Task requirements:
The answer is every line in the data below that contains the word "import".

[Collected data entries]
+++
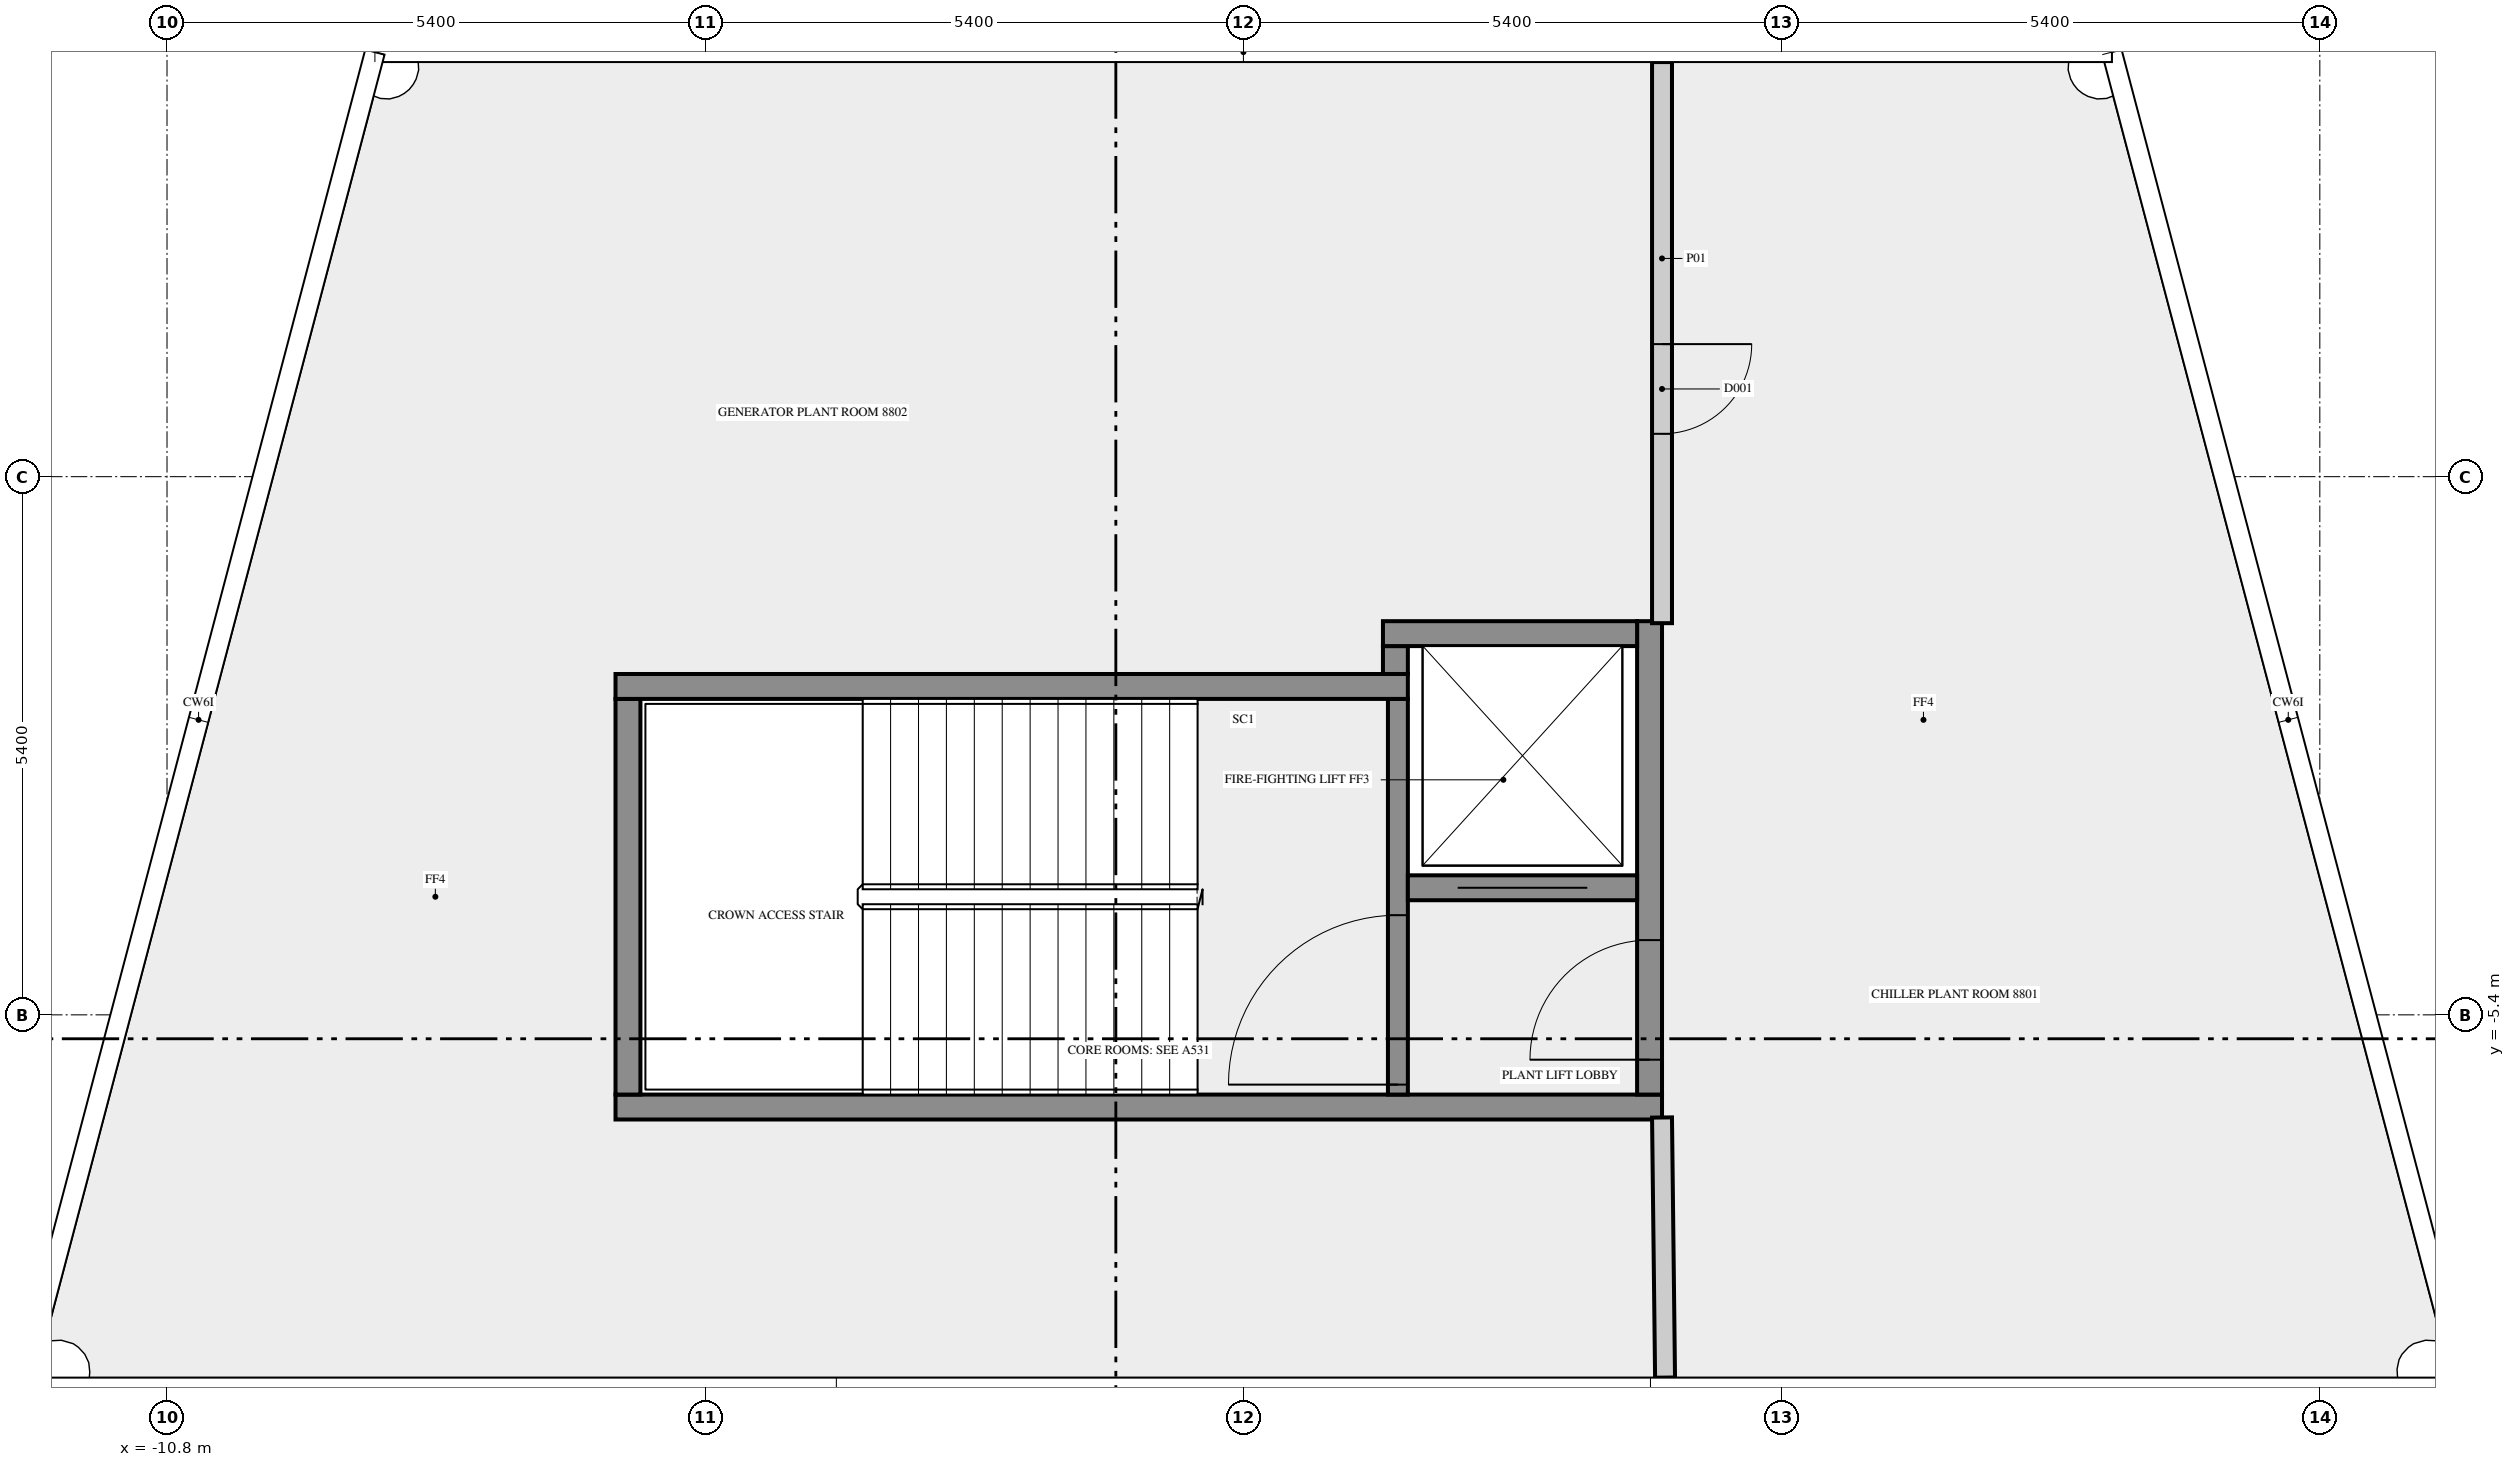
"""IFC4 building model, lengths in metres.
Left out: names, types, materials, properties, quantities, classifications, styles, units other than length and angle.
Written with IfcOpenShell. Run it as: python <this file> out.ifc"""

import sys

from ifc_helpers import new_model, si_unit, direction, frame, frame_2d, origin, place, context, subcontext, project, spatial, rectangle, extrude, element, fill, save


model = new_model("IFC4")
c1 = context("Model", 3, precision=1e-05, world=origin(), true_north=direction((0.0, 1.0)))
c2 = subcontext(c1, "Body", "Model", "MODEL_VIEW")
j1 = project(units=[si_unit("LENGTHUNIT", "METRE"), si_unit("PLANEANGLEUNIT", "RADIAN")], contexts=[c1])
p1 = place(None, origin())
s1 = spatial("IfcSite", under=j1, at=p1, CompositionType="ELEMENT")
p2 = place(p1, origin())
s2 = spatial("IfcBuilding", under=s1, at=p2, CompositionType="ELEMENT")
p3 = place(p2, frame((0.0, 0.0, 380.0)))
s3 = spatial("IfcBuildingStorey", under=s2, at=p3, CompositionType="ELEMENT", Elevation=380.0)
p4 = place(p3, frame((-6.3, -6.325, 0.0), z_axis=(0.0, 0.0, 1.0), x_axis=(1.0, 0.0, 0.0)))
e1 = element("IfcWall", 1, at=p4, inside=s3, PredefinedType="SHEAR", context=c2, shape_type="SweptSolid", body=[
    extrude(rectangle(XDim=10.5, YDim=0.25, at=frame_2d((5.25, 0.0))), origin(), (0.0, 0.0, 1.0), 3.75),
])
p5 = place(p3, frame((-6.175, -6.2, 0.0), z_axis=(0.0, 0.0, 1.0), x_axis=(0.0, 1.0, 0.0)))
e2 = element("IfcWall", 2, at=p5, inside=s3, PredefinedType="SHEAR", context=c2, shape_type="SweptSolid", body=[
    extrude(rectangle(XDim=3.97, YDim=0.25, at=frame_2d((1.985, 0.0))), origin(), (0.0, 0.0, 1.0), 3.75),
])
p6 = place(p3, frame((1.55, -6.2, 0.0), z_axis=(0.0, 0.0, 1.0), x_axis=(0.0, 1.0, 0.0)))
e3 = element("IfcWall", 3, at=p6, inside=s3, PredefinedType="SHEAR", context=c2, shape_type="SweptSolid", body=[
    extrude(rectangle(XDim=3.97, YDim=0.2, at=frame_2d((1.985, 0.0))), origin(), (0.0, 0.0, 1.0), 3.75),
])
p7 = place(p6, frame((0.1, 0.0, 0.0)))
e4 = element("IfcOpeningElement", 4, at=p7, cuts=e3, PredefinedType="OPENING", context=c2, shape_type="SweptSolid", body=[
    extrude(rectangle(XDim=1.7, YDim=2.1, at=frame_2d((0.85, 1.05))), frame((0.0, 0.11, 0.0), z_axis=(0.0, -1.0, 0.0), x_axis=(1.0, 0.0, 0.0)), (0.0, 0.0, 1.0), 0.22),
])
p8 = place(p3, frame((4.075, -6.2, 0.0), z_axis=(0.0, 0.0, 1.0), x_axis=(0.0, 1.0, 0.0)))
e5 = element("IfcWall", 5, at=p8, inside=s3, PredefinedType="SHEAR", context=c2, shape_type="SweptSolid", body=[
    extrude(rectangle(XDim=4.75, YDim=0.25, at=frame_2d((2.375, 0.0))), origin(), (0.0, 0.0, 1.0), 3.75),
])
p9 = place(p8, frame((0.35, 0.0, 0.0)))
e6 = element("IfcOpeningElement", 6, at=p9, cuts=e5, PredefinedType="OPENING", context=c2, shape_type="SweptSolid", body=[
    extrude(rectangle(XDim=1.2, YDim=2.1, at=frame_2d((0.6, 1.05))), frame((0.0, 0.135, 0.0), z_axis=(0.0, -1.0, 0.0), x_axis=(1.0, 0.0, 0.0)), (0.0, 0.0, 1.0), 0.27),
])
p10 = place(p3, frame((1.65, -4.125, 0.0), z_axis=(0.0, 0.0, 1.0), x_axis=(1.0, 0.0, 0.0)))
e7 = element("IfcWall", 7, at=p10, inside=s3, PredefinedType="SHEAR", context=c2, shape_type="SweptSolid", body=[
    extrude(rectangle(XDim=2.3, YDim=0.25, at=frame_2d((1.15, 0.0))), origin(), (0.0, 0.0, 1.0), 3.75),
])
p11 = place(p10, frame((0.5, 0.0, 0.0)))
e8 = element("IfcOpeningElement", 8, at=p11, cuts=e7, PredefinedType="OPENING", context=c2, shape_type="SweptSolid", body=[
    extrude(rectangle(XDim=1.3, YDim=2.1, at=frame_2d((0.65, 1.05))), frame((0.0, 0.135, 0.0), z_axis=(0.0, -1.0, 0.0), x_axis=(1.0, 0.0, 0.0)), (0.0, 0.0, 1.0), 0.27),
])
p12 = place(p3, frame((-6.3, -2.105, 0.0), z_axis=(0.0, 0.0, 1.0), x_axis=(1.0, 0.0, 0.0)))
e9 = element("IfcWall", 9, at=p12, inside=s3, PredefinedType="SHEAR", context=c2, shape_type="SweptSolid", body=[
    extrude(rectangle(XDim=7.95, YDim=0.25, at=frame_2d((3.975, 0.0))), origin(), (0.0, 0.0, 1.0), 3.75),
])
p13 = place(p3, frame((1.525, -1.98, 0.0), z_axis=(0.0, 0.0, 1.0), x_axis=(0.0, 1.0, 0.0)))
e10 = element("IfcWall", 10, at=p13, inside=s3, PredefinedType="SHEAR", context=c2, shape_type="SweptSolid", body=[
    extrude(rectangle(XDim=0.28, YDim=0.25, at=frame_2d((0.14, 0.0))), origin(), (0.0, 0.0, 1.0), 3.75),
])
p14 = place(p3, frame((1.4, -1.575, 0.0), z_axis=(0.0, 0.0, 1.0), x_axis=(1.0, 0.0, 0.0)))
e11 = element("IfcWall", 11, at=p14, inside=s3, PredefinedType="SHEAR", context=c2, shape_type="SweptSolid", body=[
    extrude(rectangle(XDim=2.55, YDim=0.25, at=frame_2d((1.275, 0.0))), origin(), (0.0, 0.0, 1.0), 3.75),
])
p15 = place(p3, frame((4.2, 4.16, 0.0), z_axis=(0.0, 0.0, 1.0), x_axis=(0.0, -1.0, 0.0)))
e12 = element("IfcWall", 12, at=p15, inside=s3, PredefinedType="SOLIDWALL", context=c2, shape_type="SweptSolid", body=[
    extrude(rectangle(XDim=5.63, YDim=0.2, at=frame_2d((2.815, 0.0))), origin(), (0.0, 0.0, 1.0), 2.838),
])
p16 = place(p15, frame((2.83, 0.0, 0.0)))
e13 = element("IfcOpeningElement", 13, at=p16, cuts=e12, PredefinedType="OPENING", context=c2, shape_type="SweptSolid", body=[
    extrude(rectangle(XDim=0.9, YDim=2.1, at=frame_2d((0.45, 1.05))), frame((0.0, 0.11, 0.0), z_axis=(0.0, -1.0, 0.0), x_axis=(1.0, 0.0, 0.0)), (0.0, 0.0, 1.0), 0.22),
])
p17 = place(p3, frame((4.2, -6.43, 0.0), z_axis=(0.0, 0.0, 1.0), x_axis=(0.011692371865, -0.999931641884, 0.0)))
e14 = element("IfcWall", 14, at=p17, inside=s3, PredefinedType="SOLIDWALL", context=c2, shape_type="SweptSolid", body=[
    extrude(rectangle(XDim=2.61, YDim=0.2, at=frame_2d((1.305, 0.0))), origin(), (0.0, 0.0, 1.0), 2.838),
])
p18 = place(p7, origin())
e15 = element("IfcDoor", 15, at=p18, inside=s3, OperationType="DOUBLE_DOOR_SINGLE_SWING", PredefinedType="DOOR", context=c2, shape_type="SweptSolid", body=[
    extrude(rectangle(XDim=1.7, YDim=2.1, at=frame_2d((0.85, 1.05))), frame((0.0, 0.025, 0.0), z_axis=(0.0, -1.0, 0.0), x_axis=(1.0, 0.0, 0.0)), (0.0, 0.0, 1.0), 0.05),
])
fill(e4, e15)
p19 = place(p9, origin())
e16 = element("IfcDoor", 16, at=p19, inside=s3, OperationType="SINGLE_SWING_LEFT", PredefinedType="DOOR", context=c2, shape_type="SweptSolid", body=[
    extrude(rectangle(XDim=1.2, YDim=2.1, at=frame_2d((0.6, 1.05))), frame((0.0, 0.025, 0.0), z_axis=(0.0, -1.0, 0.0), x_axis=(1.0, 0.0, 0.0)), (0.0, 0.0, 1.0), 0.05),
])
fill(e6, e16)
p20 = place(p11, origin())
e17 = element("IfcDoor", 17, at=p20, inside=s3, OperationType="DOUBLE_DOOR_SLIDING", PredefinedType="DOOR", context=c2, shape_type="SweptSolid", body=[
    extrude(rectangle(XDim=1.3, YDim=2.1, at=frame_2d((0.65, 1.05))), frame((0.0, 0.025, 0.0), z_axis=(0.0, -1.0, 0.0), x_axis=(1.0, 0.0, 0.0)), (0.0, 0.0, 1.0), 0.05),
])
fill(e8, e17)
p21 = place(p16, origin())
e18 = element("IfcDoor", 18, at=p21, inside=s3, OperationType="SINGLE_SWING_LEFT", PredefinedType="DOOR", context=c2, shape_type="SweptSolid", body=[
    extrude(rectangle(XDim=0.9, YDim=2.1, at=frame_2d((0.45, 1.05))), frame((0.0, 0.025, 0.0), z_axis=(0.0, -1.0, 0.0), x_axis=(1.0, 0.0, 0.0)), (0.0, 0.0, 1.0), 0.05),
])
fill(e13, e18)
save(model, sys.argv[1])
+++
Result of the task:
import sys
from ifc_helpers import new_model, si_unit, direction, frame, frame_2d, origin, place, context, subcontext, project, spatial, rectangle, extrude, element, fill, save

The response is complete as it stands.